Among the records below, determine how many lines have the word "CompositionType" in them; output only the number.

[DATA IN THIS EXERCISE Boundary: Start]

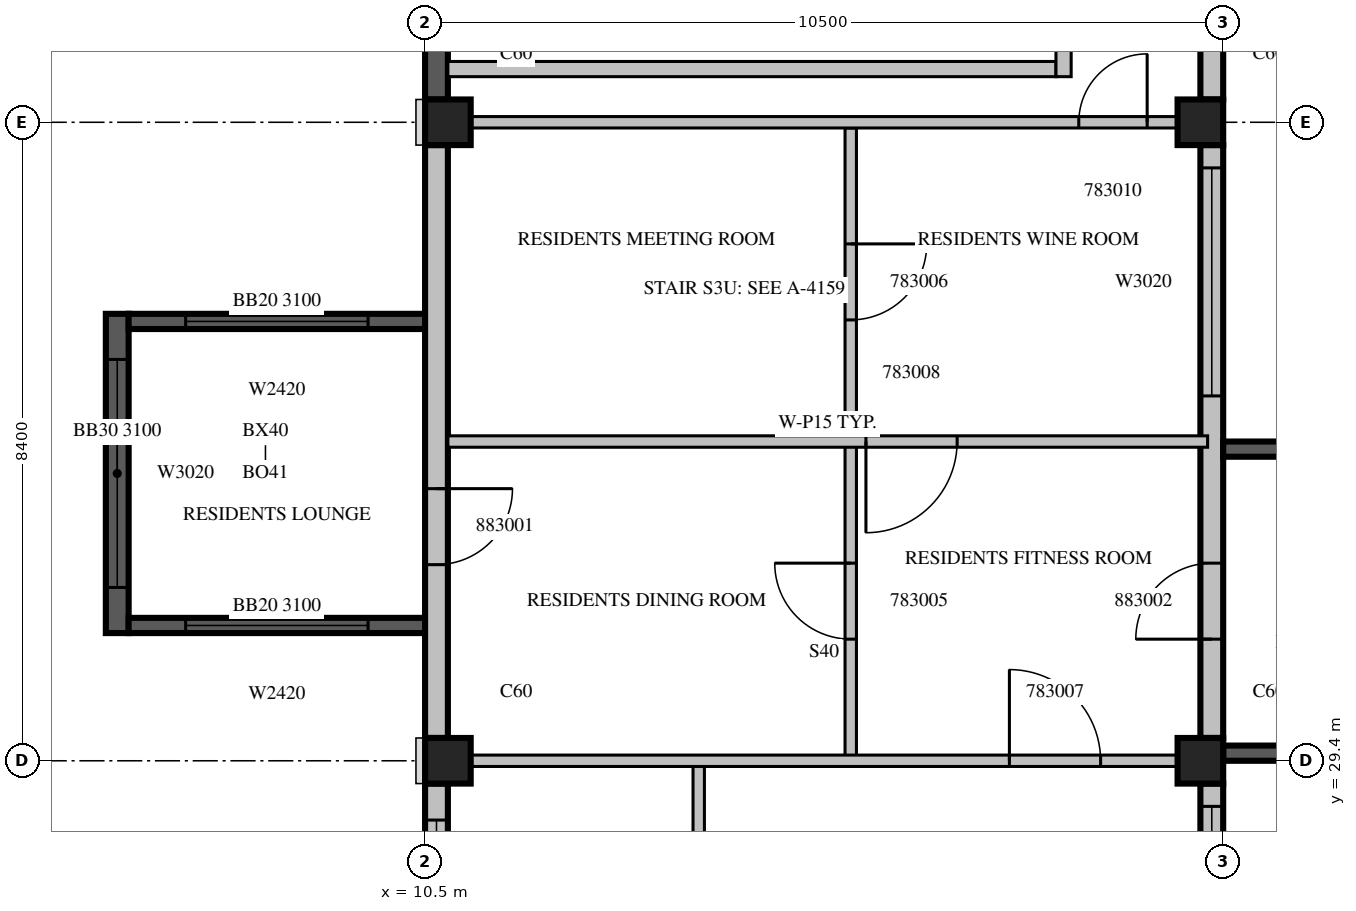
"""IFC4 building model, lengths in metres.
Left out: names, types, materials, properties, quantities, classifications, styles, units other than length and angle.
Written with IfcOpenShell. Run it as: python <this file> out.ifc"""

import sys

from ifc_helpers import new_model, si_unit, direction, frame, frame_2d, origin, origin_2d, place, context, subcontext, project, spatial, rectangle, extrude, source, transform, mapped, element, fill, save


model = new_model("IFC4")
c1 = context("Model", 3, precision=1e-05, world=origin(), true_north=direction((0.0, 1.0)))
c2 = subcontext(c1, "Body", "Model", "MODEL_VIEW")
j1 = project(units=[si_unit("LENGTHUNIT", "METRE"), si_unit("PLANEANGLEUNIT", "RADIAN")], contexts=[c1])
p1 = place(None, origin())
s1 = spatial("IfcSite", under=j1, at=p1, CompositionType="ELEMENT")
p2 = place(p1, origin())
s2 = spatial("IfcBuilding", under=s1, at=p2, CompositionType="ELEMENT")
p3 = place(p2, frame((0.0, 0.0, 351.0)))
s3 = spatial("IfcBuildingStorey", under=s2, at=p3, CompositionType="ELEMENT", Elevation=351.0)
m1 = source(origin(), c2, "Body", "SweptSolid", [
    extrude(rectangle(XDim=0.6, YDim=0.6, at=origin_2d()), origin(), (0.0, 0.0, 1.0), 3.5),
])
for number, where, z_axis, x_axis in (
    (1, (10.8, 29.4, 0.0), (0.0, 0.0, 1.0), (1.0, 0.0, 0.0)),
    (2, (20.7, 29.4, 0.0), (0.0, 0.0, 1.0), (1.0, 0.0, 0.0)),
    (3, (10.8, 37.8, 0.0), (0.0, 0.0, 1.0), (1.0, 0.0, 0.0)),
    (4, (20.7, 37.8, 0.0), (0.0, 0.0, 1.0), (1.0, 0.0, 0.0)),
):
    element("IfcColumn", number, at=place(p3, frame(where, z_axis=z_axis, x_axis=x_axis)), inside=s3, PredefinedType="COLUMN", context=c2, shape_type="MappedRepresentation", body=[
        mapped(m1, transform((0.0, 0.0, 0.0), scale=1.0)),
    ])
m2 = source(origin(), c2, "Body", "SweptSolid", [
    extrude(rectangle(XDim=4.2, YDim=0.3, at=frame_2d((2.1, 0.0))), origin(), (0.0, 0.0, 1.0), 3.1),
])
p4 = place(p3, frame((6.45, 35.28, 0.0), z_axis=(0.0, 0.0, 1.0), x_axis=(0.0, -1.0, 0.0)))
e5 = element("IfcWall", 5, at=p4, inside=s3, PredefinedType="SOLIDWALL", context=c2, shape_type="MappedRepresentation", body=[
    mapped(m2, transform((0.0, 0.0, 0.0), scale=1.0)),
])
m3 = source(origin(), c2, "Body", "SweptSolid", [
    extrude(rectangle(XDim=3.0, YDim=2.0, at=frame_2d((1.5, 1.0))), frame((0.0, 0.16, 0.0), z_axis=(0.0, -1.0, 0.0), x_axis=(1.0, 0.0, 0.0)), (0.0, 0.0, 1.0), 0.32),
])
p5 = place(p4, frame((0.6, 0.0, 0.6)))
e6 = element("IfcOpeningElement", 6, at=p5, cuts=e5, PredefinedType="OPENING", context=c2, shape_type="MappedRepresentation", body=[
    mapped(m3, transform((0.0, 0.0, 0.0), scale=1.0)),
])
m4 = source(origin(), c2, "Body", "SweptSolid", [
    extrude(rectangle(XDim=3.9, YDim=0.2, at=frame_2d((1.95, 0.0))), origin(), (0.0, 0.0, 1.0), 3.1),
])
p6 = place(p3, frame((10.5, 35.18, 0.0), z_axis=(0.0, 0.0, 1.0), x_axis=(-1.0, 0.0, 0.0)))
e7 = element("IfcWall", 7, at=p6, inside=s3, PredefinedType="SOLIDWALL", context=c2, shape_type="MappedRepresentation", body=[
    mapped(m4, transform((0.0, 0.0, 0.0), scale=1.0)),
])
m5 = source(origin(), c2, "Body", "SweptSolid", [
    extrude(rectangle(XDim=2.4, YDim=2.0, at=frame_2d((1.2, 1.0))), frame((0.0, 0.11, 0.0), z_axis=(0.0, -1.0, 0.0), x_axis=(1.0, 0.0, 0.0)), (0.0, 0.0, 1.0), 0.22),
])
p7 = place(p6, frame((0.75, 0.0, 0.6)))
e8 = element("IfcOpeningElement", 8, at=p7, cuts=e7, PredefinedType="OPENING", context=c2, shape_type="MappedRepresentation", body=[
    mapped(m5, transform((0.0, 0.0, 0.0), scale=1.0)),
])
p8 = place(p3, frame((10.5, 31.18, 0.0), z_axis=(0.0, 0.0, 1.0), x_axis=(-1.0, 0.0, 0.0)))
e9 = element("IfcWall", 9, at=p8, inside=s3, PredefinedType="SOLIDWALL", context=c2, shape_type="MappedRepresentation", body=[
    mapped(m4, transform((0.0, 0.0, 0.0), scale=1.0)),
])
p9 = place(p8, frame((0.75, 0.0, 0.6)))
e10 = element("IfcOpeningElement", 10, at=p9, cuts=e9, PredefinedType="OPENING", context=c2, shape_type="MappedRepresentation", body=[
    mapped(m5, transform((0.0, 0.0, 0.0), scale=1.0)),
])
m6 = source(origin(), c2, "Body", "SweptSolid", [
    extrude(rectangle(XDim=7.5, YDim=0.3, at=frame_2d((3.75, 0.0))), origin(), (0.0, 0.0, 1.0), 3.1),
])
p10 = place(p3, frame((20.85, 21.6, 0.0), z_axis=(0.0, 0.0, 1.0), x_axis=(0.0, 1.0, 0.0)))
e11 = element("IfcWall", 11, at=p10, inside=s3, PredefinedType="STANDARD", context=c2, shape_type="MappedRepresentation", body=[
    mapped(m6, transform((0.0, 0.0, 0.0), scale=1.0)),
])
m7 = source(origin(), c2, "Body", "SweptSolid", [
    extrude(rectangle(XDim=2.4, YDim=2.0, at=frame_2d((1.2, 1.0))), frame((0.0, 0.16, 0.0), z_axis=(0.0, -1.0, 0.0), x_axis=(1.0, 0.0, 0.0)), (0.0, 0.0, 1.0), 0.32),
])
p11 = place(p10, frame((0.3, 0.0, 0.6)))
e12 = element("IfcOpeningElement", 12, at=p11, cuts=e11, PredefinedType="OPENING", context=c2, shape_type="MappedRepresentation", body=[
    mapped(m7, transform((0.0, 0.0, 0.0), scale=1.0)),
])
p12 = place(p10, frame((4.2, 0.0, 0.6)))
e13 = element("IfcOpeningElement", 13, at=p12, cuts=e11, PredefinedType="OPENING", context=c2, shape_type="MappedRepresentation", body=[
    mapped(m3, transform((0.0, 0.0, 0.0), scale=1.0)),
])
m8 = source(origin(), c2, "Body", "SweptSolid", [
    extrude(rectangle(XDim=7.8, YDim=0.3, at=frame_2d((3.9, 0.0))), origin(), (0.0, 0.0, 1.0), 3.1),
])
p13 = place(p3, frame((20.85, 29.7, 0.0), z_axis=(0.0, 0.0, 1.0), x_axis=(0.0, 1.0, 0.0)))
e14 = element("IfcWall", 14, at=p13, inside=s3, PredefinedType="STANDARD", context=c2, shape_type="MappedRepresentation", body=[
    mapped(m8, transform((0.0, 0.0, 0.0), scale=1.0)),
])
p14 = place(p13, frame((4.5, 0.0, 0.6)))
e15 = element("IfcOpeningElement", 15, at=p14, cuts=e14, PredefinedType="OPENING", context=c2, shape_type="MappedRepresentation", body=[
    mapped(m3, transform((0.0, 0.0, 0.0), scale=1.0)),
])
m9 = source(origin(), c2, "Body", "SweptSolid", [
    extrude(rectangle(XDim=1.0, YDim=2.1, at=frame_2d((0.5, 1.05))), frame((0.0, 0.16, 0.0), z_axis=(0.0, -1.0, 0.0), x_axis=(1.0, 0.0, 0.0)), (0.0, 0.0, 1.0), 0.32),
])
p15 = place(p13, frame((1.3, 0.0, 0.0)))
e16 = element("IfcOpeningElement", 16, at=p15, cuts=e14, PredefinedType="OPENING", context=c2, shape_type="MappedRepresentation", body=[
    mapped(m9, transform((0.0, 0.0, 0.0), scale=1.0)),
])
m10 = source(origin(), c2, "Body", "SweptSolid", [
    extrude(rectangle(XDim=5.58, YDim=0.3, at=frame_2d((2.79, 0.0))), origin(), (0.0, 0.0, 1.0), 3.1),
])
p16 = place(p3, frame((20.85, 38.1, 0.0), z_axis=(0.0, 0.0, 1.0), x_axis=(0.0, 1.0, 0.0)))
e17 = element("IfcWall", 17, at=p16, inside=s3, PredefinedType="STANDARD", context=c2, shape_type="MappedRepresentation", body=[
    mapped(m10, transform((0.0, 0.0, 0.0), scale=1.0)),
])
m11 = source(origin(), c2, "Body", "SweptSolid", [
    extrude(rectangle(XDim=3.6, YDim=2.0, at=frame_2d((1.8, 1.0))), frame((0.0, 0.16, 0.0), z_axis=(0.0, -1.0, 0.0), x_axis=(1.0, 0.0, 0.0)), (0.0, 0.0, 1.0), 0.32),
])
p17 = place(p16, frame((0.84, 0.0, 0.6)))
e18 = element("IfcOpeningElement", 18, at=p17, cuts=e17, PredefinedType="OPENING", context=c2, shape_type="MappedRepresentation", body=[
    mapped(m11, transform((0.0, 0.0, 0.0), scale=1.0)),
])
m12 = source(origin(), c2, "Body", "SweptSolid", [
    extrude(rectangle(XDim=5.58, YDim=0.3, at=frame_2d((2.79, 0.0))), origin(), (0.0, 0.0, 1.0), 3.1),
])
p18 = place(p3, frame((10.65, 43.68, 0.0), z_axis=(0.0, 0.0, 1.0), x_axis=(0.0, -1.0, 0.0)))
e19 = element("IfcWall", 19, at=p18, inside=s3, PredefinedType="SOLIDWALL", context=c2, shape_type="MappedRepresentation", body=[
    mapped(m12, transform((0.0, 0.0, 0.0), scale=1.0)),
])
p19 = place(p3, frame((10.65, 37.5, 0.0), z_axis=(0.0, 0.0, 1.0), x_axis=(0.0, -1.0, 0.0)))
e20 = element("IfcWall", 20, at=p19, inside=s3, PredefinedType="STANDARD", context=c2, shape_type="MappedRepresentation", body=[
    mapped(m8, transform((0.0, 0.0, 0.0), scale=1.0)),
])
p20 = place(p19, frame((4.52, 0.0, 0.0)))
e21 = element("IfcOpeningElement", 21, at=p20, cuts=e20, PredefinedType="OPENING", context=c2, shape_type="MappedRepresentation", body=[
    mapped(m9, transform((0.0, 0.0, 0.0), scale=1.0)),
])
p21 = place(p3, frame((10.65, 29.1, 0.0), z_axis=(0.0, 0.0, 1.0), x_axis=(0.0, -1.0, 0.0)))
e22 = element("IfcWall", 22, at=p21, inside=s3, PredefinedType="STANDARD", context=c2, shape_type="MappedRepresentation", body=[
    mapped(m6, transform((0.0, 0.0, 0.0), scale=1.0)),
])
p22 = place(p21, frame((3.36, 0.0, 0.6)))
e23 = element("IfcOpeningElement", 23, at=p22, cuts=e22, PredefinedType="OPENING", context=c2, shape_type="MappedRepresentation", body=[
    mapped(m11, transform((0.0, 0.0, 0.0), scale=1.0)),
])
p23 = place(p21, frame((0.48, 0.0, 0.6)))
e24 = element("IfcOpeningElement", 24, at=p23, cuts=e22, PredefinedType="OPENING", context=c2, shape_type="MappedRepresentation", body=[
    mapped(m7, transform((0.0, 0.0, 0.0), scale=1.0)),
])
m13 = source(origin(), c2, "Body", "SweptSolid", [
    extrude(rectangle(XDim=3.9, YDim=0.2, at=frame_2d((1.95, 0.0))), origin(), (0.0, 0.0, 1.0), 3.09),
])
p24 = place(p3, frame((21.0, 29.5, 0.0), z_axis=(0.0, 0.0, 1.0), x_axis=(1.0, 0.0, 0.0)))
e25 = element("IfcWall", 25, at=p24, inside=s3, PredefinedType="SOLIDWALL", context=c2, shape_type="MappedRepresentation", body=[
    mapped(m13, transform((0.0, 0.0, 0.0), scale=1.0)),
])
p25 = place(p24, frame((0.75, 0.0, 0.6)))
e26 = element("IfcOpeningElement", 26, at=p25, cuts=e25, PredefinedType="OPENING", context=c2, shape_type="MappedRepresentation", body=[
    mapped(m5, transform((0.0, 0.0, 0.0), scale=1.0)),
])
p26 = place(p3, frame((21.0, 33.5, 0.0), z_axis=(0.0, 0.0, 1.0), x_axis=(1.0, 0.0, 0.0)))
e27 = element("IfcWall", 27, at=p26, inside=s3, PredefinedType="SOLIDWALL", context=c2, shape_type="MappedRepresentation", body=[
    mapped(m13, transform((0.0, 0.0, 0.0), scale=1.0)),
])
p27 = place(p26, frame((0.75, 0.0, 0.6)))
e28 = element("IfcOpeningElement", 28, at=p27, cuts=e27, PredefinedType="OPENING", context=c2, shape_type="MappedRepresentation", body=[
    mapped(m5, transform((0.0, 0.0, 0.0), scale=1.0)),
])
m14 = source(origin(), c2, "Body", "SweptSolid", [
    extrude(rectangle(XDim=8.0, YDim=0.2, at=frame_2d((4.0, 0.0))), origin(), (0.0, 0.0, 1.0), 3.1),
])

[DATA IN THIS EXERCISE Boundary: End]

_RESULT:_ 3